→ **ASSIGNMENT**
Find the word "CompositionType" in the data. Return every line where it appears.

Records drawn from a dataset

---

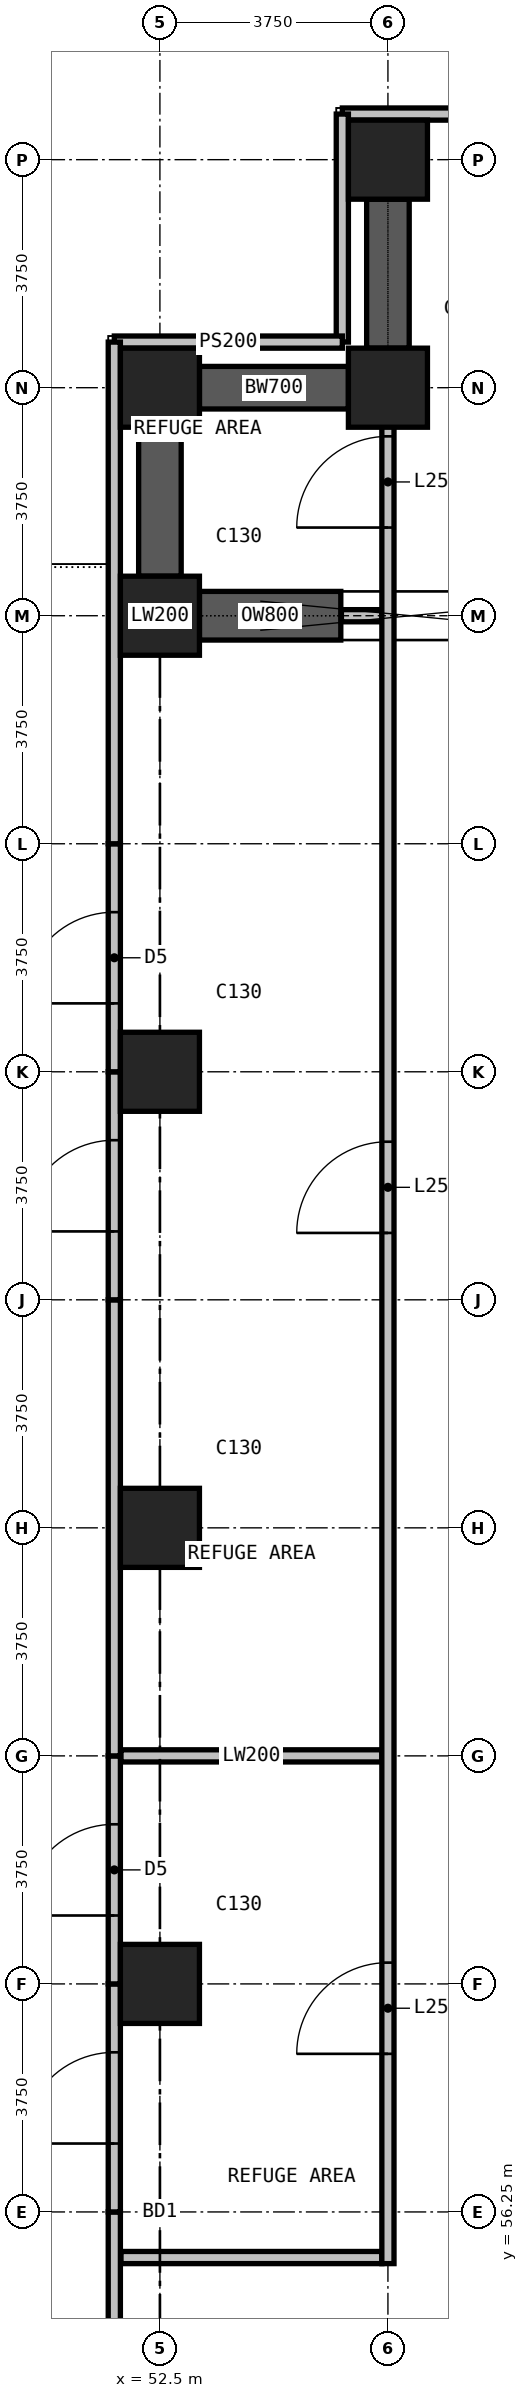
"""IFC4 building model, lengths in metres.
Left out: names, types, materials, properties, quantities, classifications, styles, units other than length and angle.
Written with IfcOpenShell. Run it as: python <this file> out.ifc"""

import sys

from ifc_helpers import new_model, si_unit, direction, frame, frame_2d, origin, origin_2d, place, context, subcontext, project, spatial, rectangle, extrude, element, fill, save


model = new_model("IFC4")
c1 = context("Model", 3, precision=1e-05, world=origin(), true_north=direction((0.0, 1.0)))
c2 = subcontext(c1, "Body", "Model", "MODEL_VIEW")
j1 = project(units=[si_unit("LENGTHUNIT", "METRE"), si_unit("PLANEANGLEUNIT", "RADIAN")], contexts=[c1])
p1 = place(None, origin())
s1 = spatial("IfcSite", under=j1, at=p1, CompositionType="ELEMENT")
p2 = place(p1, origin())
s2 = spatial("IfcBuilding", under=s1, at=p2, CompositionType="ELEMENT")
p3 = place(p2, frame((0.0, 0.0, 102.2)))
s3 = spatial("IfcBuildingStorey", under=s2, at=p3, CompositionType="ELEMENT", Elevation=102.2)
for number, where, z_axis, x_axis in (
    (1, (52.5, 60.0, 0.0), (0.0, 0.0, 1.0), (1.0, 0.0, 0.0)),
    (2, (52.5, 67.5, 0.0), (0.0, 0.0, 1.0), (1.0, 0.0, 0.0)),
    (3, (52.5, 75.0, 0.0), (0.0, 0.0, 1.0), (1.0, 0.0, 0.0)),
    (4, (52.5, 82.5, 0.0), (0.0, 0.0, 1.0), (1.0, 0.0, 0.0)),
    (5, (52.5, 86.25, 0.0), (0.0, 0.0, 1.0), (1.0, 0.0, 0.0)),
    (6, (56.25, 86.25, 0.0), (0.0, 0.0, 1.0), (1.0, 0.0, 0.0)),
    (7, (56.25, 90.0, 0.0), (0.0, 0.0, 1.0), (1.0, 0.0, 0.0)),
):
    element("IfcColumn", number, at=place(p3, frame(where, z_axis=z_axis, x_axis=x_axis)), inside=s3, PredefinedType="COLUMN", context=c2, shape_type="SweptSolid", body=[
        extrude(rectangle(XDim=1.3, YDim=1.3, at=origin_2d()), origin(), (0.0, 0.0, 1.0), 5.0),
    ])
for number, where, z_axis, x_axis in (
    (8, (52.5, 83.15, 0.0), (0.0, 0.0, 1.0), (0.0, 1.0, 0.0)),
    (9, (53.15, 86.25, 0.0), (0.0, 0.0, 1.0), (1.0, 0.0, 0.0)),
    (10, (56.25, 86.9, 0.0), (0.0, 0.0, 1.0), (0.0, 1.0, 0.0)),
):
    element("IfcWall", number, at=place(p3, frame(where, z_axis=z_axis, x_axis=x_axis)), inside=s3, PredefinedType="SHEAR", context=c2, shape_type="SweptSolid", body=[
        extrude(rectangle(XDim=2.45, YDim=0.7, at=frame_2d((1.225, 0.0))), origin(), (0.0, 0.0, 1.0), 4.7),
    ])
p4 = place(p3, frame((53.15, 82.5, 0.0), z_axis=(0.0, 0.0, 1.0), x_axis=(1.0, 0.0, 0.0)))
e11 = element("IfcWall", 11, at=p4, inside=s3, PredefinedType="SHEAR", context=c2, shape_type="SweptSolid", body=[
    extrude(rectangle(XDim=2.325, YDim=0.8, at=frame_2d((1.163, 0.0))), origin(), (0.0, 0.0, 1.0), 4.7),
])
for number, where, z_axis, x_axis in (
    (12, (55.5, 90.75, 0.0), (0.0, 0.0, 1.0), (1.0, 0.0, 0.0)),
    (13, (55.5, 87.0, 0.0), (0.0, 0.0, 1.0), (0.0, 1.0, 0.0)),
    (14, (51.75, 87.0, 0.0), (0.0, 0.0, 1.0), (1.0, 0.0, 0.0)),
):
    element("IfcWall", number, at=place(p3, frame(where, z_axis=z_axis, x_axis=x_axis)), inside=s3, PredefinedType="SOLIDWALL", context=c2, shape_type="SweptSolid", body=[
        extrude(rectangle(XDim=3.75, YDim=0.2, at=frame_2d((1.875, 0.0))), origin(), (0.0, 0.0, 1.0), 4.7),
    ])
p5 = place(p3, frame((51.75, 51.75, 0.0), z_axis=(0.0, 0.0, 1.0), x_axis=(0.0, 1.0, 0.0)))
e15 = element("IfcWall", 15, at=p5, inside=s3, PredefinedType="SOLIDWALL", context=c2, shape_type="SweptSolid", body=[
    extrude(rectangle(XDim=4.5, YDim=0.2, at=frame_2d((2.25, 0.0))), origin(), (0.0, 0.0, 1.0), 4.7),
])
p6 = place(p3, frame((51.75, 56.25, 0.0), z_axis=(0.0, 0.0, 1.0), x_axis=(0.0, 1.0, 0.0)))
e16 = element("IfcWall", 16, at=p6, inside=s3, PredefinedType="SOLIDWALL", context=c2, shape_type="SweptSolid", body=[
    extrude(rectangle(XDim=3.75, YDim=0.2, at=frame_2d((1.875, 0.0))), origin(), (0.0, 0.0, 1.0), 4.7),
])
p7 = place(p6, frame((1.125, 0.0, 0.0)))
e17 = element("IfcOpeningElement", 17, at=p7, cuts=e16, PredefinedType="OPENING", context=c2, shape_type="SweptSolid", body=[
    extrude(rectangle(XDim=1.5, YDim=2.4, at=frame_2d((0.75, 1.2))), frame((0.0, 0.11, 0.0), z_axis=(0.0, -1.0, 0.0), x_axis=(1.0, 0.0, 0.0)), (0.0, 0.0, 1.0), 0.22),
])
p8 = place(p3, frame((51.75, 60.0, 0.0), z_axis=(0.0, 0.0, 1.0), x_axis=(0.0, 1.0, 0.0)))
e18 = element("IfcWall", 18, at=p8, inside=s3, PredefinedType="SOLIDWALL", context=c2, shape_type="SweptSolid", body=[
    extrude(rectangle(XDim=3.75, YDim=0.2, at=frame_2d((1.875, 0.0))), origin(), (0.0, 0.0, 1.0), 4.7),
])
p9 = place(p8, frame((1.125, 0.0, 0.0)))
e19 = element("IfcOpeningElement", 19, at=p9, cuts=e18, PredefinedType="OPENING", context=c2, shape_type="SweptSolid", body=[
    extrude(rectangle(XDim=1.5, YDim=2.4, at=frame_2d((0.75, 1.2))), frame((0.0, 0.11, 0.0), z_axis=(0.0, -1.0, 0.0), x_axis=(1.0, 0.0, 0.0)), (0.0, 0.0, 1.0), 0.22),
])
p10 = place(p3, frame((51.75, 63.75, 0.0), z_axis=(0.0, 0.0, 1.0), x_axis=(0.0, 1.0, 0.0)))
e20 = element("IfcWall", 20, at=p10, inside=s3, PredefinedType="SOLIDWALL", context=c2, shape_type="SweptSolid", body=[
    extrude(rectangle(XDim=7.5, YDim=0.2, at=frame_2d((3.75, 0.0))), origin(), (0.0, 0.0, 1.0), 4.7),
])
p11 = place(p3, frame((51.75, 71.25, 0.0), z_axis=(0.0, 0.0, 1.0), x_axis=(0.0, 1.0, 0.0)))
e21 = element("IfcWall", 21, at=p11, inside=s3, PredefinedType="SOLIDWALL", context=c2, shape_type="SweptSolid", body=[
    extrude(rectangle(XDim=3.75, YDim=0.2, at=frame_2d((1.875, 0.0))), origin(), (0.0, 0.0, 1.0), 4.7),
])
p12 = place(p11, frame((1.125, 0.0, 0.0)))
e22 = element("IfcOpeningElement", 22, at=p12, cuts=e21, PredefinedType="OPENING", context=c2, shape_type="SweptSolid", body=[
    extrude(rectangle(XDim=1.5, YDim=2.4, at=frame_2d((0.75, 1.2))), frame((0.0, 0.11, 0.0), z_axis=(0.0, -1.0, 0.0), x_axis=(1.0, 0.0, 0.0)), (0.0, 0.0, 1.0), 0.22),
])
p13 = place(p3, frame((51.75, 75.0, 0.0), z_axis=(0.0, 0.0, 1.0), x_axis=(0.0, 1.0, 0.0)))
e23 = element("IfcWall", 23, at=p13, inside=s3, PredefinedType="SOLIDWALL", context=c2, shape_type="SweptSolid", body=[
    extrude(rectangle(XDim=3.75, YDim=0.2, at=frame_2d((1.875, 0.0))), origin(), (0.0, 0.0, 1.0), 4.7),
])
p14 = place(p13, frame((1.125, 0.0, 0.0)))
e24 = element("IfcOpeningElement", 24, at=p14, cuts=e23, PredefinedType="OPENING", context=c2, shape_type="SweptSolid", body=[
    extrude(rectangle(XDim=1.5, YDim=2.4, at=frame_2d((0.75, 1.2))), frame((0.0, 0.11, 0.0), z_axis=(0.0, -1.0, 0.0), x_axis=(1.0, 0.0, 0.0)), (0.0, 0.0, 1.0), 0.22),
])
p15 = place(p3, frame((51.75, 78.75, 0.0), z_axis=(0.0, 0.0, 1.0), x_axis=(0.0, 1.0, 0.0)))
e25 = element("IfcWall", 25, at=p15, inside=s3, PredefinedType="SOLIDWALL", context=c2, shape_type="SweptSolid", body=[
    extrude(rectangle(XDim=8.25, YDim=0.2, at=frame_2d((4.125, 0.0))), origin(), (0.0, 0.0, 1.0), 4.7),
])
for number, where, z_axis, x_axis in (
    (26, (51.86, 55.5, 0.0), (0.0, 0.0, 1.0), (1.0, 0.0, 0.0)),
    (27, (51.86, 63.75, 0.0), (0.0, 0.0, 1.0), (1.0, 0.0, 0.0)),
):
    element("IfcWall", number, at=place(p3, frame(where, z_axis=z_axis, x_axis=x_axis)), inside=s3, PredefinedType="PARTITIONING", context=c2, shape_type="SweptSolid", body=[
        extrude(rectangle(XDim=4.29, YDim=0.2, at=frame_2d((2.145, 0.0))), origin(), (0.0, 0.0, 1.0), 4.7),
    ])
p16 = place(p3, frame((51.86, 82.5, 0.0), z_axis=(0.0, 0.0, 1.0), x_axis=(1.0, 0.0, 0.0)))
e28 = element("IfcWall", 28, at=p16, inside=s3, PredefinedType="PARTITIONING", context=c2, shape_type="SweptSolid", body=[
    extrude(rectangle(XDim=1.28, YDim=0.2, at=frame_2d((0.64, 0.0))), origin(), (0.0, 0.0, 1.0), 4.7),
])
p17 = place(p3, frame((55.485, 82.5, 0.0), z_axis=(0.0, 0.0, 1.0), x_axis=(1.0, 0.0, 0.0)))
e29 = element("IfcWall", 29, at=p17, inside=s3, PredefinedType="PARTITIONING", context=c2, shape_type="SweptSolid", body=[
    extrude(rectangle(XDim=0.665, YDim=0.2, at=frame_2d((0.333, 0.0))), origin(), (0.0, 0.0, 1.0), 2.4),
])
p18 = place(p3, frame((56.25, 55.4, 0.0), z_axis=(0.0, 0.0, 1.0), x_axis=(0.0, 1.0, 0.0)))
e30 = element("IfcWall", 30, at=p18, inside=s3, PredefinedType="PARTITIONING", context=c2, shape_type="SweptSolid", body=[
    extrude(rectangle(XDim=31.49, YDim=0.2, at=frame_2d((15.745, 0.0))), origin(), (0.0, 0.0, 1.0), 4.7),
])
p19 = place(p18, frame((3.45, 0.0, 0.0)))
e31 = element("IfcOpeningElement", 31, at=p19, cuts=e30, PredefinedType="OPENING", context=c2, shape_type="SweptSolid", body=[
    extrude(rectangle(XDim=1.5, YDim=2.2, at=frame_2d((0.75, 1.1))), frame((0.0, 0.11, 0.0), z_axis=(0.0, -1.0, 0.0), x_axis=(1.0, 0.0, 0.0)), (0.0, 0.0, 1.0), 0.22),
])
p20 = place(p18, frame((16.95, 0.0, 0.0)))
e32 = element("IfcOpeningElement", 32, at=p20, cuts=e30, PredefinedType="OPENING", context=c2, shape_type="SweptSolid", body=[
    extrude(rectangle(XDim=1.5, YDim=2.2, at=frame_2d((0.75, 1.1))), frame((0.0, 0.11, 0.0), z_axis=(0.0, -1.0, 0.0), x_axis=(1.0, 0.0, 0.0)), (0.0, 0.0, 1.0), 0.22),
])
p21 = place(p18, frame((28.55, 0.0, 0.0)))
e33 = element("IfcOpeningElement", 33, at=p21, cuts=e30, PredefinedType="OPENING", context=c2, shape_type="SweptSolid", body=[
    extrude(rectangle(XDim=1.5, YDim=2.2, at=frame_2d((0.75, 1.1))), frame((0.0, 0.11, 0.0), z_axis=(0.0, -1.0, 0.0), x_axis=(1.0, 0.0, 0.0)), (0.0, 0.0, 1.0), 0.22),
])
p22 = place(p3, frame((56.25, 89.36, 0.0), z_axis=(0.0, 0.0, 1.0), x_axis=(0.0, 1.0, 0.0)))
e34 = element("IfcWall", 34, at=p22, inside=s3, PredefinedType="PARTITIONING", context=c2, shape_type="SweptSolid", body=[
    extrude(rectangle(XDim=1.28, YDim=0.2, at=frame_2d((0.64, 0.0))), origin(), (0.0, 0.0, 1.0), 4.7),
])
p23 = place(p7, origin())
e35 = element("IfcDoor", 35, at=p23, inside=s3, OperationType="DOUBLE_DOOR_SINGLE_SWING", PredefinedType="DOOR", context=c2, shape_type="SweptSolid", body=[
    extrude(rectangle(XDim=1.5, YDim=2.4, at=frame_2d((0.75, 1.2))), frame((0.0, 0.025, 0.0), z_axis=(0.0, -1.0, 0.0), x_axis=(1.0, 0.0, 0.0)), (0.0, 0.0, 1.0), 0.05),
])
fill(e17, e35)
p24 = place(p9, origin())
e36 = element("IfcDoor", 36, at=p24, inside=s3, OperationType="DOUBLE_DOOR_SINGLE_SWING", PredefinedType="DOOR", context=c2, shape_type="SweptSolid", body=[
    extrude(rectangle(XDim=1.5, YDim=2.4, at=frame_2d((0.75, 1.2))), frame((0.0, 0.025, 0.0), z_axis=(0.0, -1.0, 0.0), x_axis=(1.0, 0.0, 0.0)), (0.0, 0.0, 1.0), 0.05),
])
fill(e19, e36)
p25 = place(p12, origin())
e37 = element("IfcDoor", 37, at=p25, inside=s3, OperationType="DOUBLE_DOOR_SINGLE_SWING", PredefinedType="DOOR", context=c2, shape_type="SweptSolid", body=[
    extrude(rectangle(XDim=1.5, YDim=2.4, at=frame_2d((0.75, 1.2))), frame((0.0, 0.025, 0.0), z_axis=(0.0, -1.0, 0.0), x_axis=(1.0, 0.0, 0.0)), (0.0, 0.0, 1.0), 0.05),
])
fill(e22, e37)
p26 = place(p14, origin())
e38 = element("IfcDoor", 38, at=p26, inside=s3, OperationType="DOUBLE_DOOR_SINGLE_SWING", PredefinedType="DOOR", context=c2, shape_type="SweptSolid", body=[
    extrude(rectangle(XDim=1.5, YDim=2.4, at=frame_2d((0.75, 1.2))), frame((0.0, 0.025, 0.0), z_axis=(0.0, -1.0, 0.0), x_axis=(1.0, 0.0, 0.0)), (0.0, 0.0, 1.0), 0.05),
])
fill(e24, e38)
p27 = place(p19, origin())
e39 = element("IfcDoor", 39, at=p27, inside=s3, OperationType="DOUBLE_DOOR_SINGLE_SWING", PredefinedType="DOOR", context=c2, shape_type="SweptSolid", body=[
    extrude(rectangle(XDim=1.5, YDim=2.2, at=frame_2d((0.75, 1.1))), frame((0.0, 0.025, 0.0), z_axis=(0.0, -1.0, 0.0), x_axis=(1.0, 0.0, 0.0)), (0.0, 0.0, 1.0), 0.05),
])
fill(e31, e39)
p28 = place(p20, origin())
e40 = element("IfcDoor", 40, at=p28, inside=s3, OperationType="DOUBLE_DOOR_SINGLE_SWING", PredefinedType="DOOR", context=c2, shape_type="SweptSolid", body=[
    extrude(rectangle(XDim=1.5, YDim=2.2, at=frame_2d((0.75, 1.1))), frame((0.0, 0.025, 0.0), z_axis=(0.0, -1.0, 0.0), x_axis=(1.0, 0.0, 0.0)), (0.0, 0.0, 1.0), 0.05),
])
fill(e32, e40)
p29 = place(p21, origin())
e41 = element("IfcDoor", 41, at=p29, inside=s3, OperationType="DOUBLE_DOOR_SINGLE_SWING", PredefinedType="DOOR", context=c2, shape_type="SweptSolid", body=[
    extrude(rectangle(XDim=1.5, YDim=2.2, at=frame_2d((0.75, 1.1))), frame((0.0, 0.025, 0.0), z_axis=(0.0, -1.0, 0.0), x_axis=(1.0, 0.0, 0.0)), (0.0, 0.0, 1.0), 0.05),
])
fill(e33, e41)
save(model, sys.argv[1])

---

→ **EXERCISE SOLUTION**
s1 = spatial("IfcSite", under=j1, at=p1, CompositionType="ELEMENT")
s2 = spatial("IfcBuilding", under=s1, at=p2, CompositionType="ELEMENT")
s3 = spatial("IfcBuildingStorey", under=s2, at=p3, CompositionType="ELEMENT", Elevation=102.2)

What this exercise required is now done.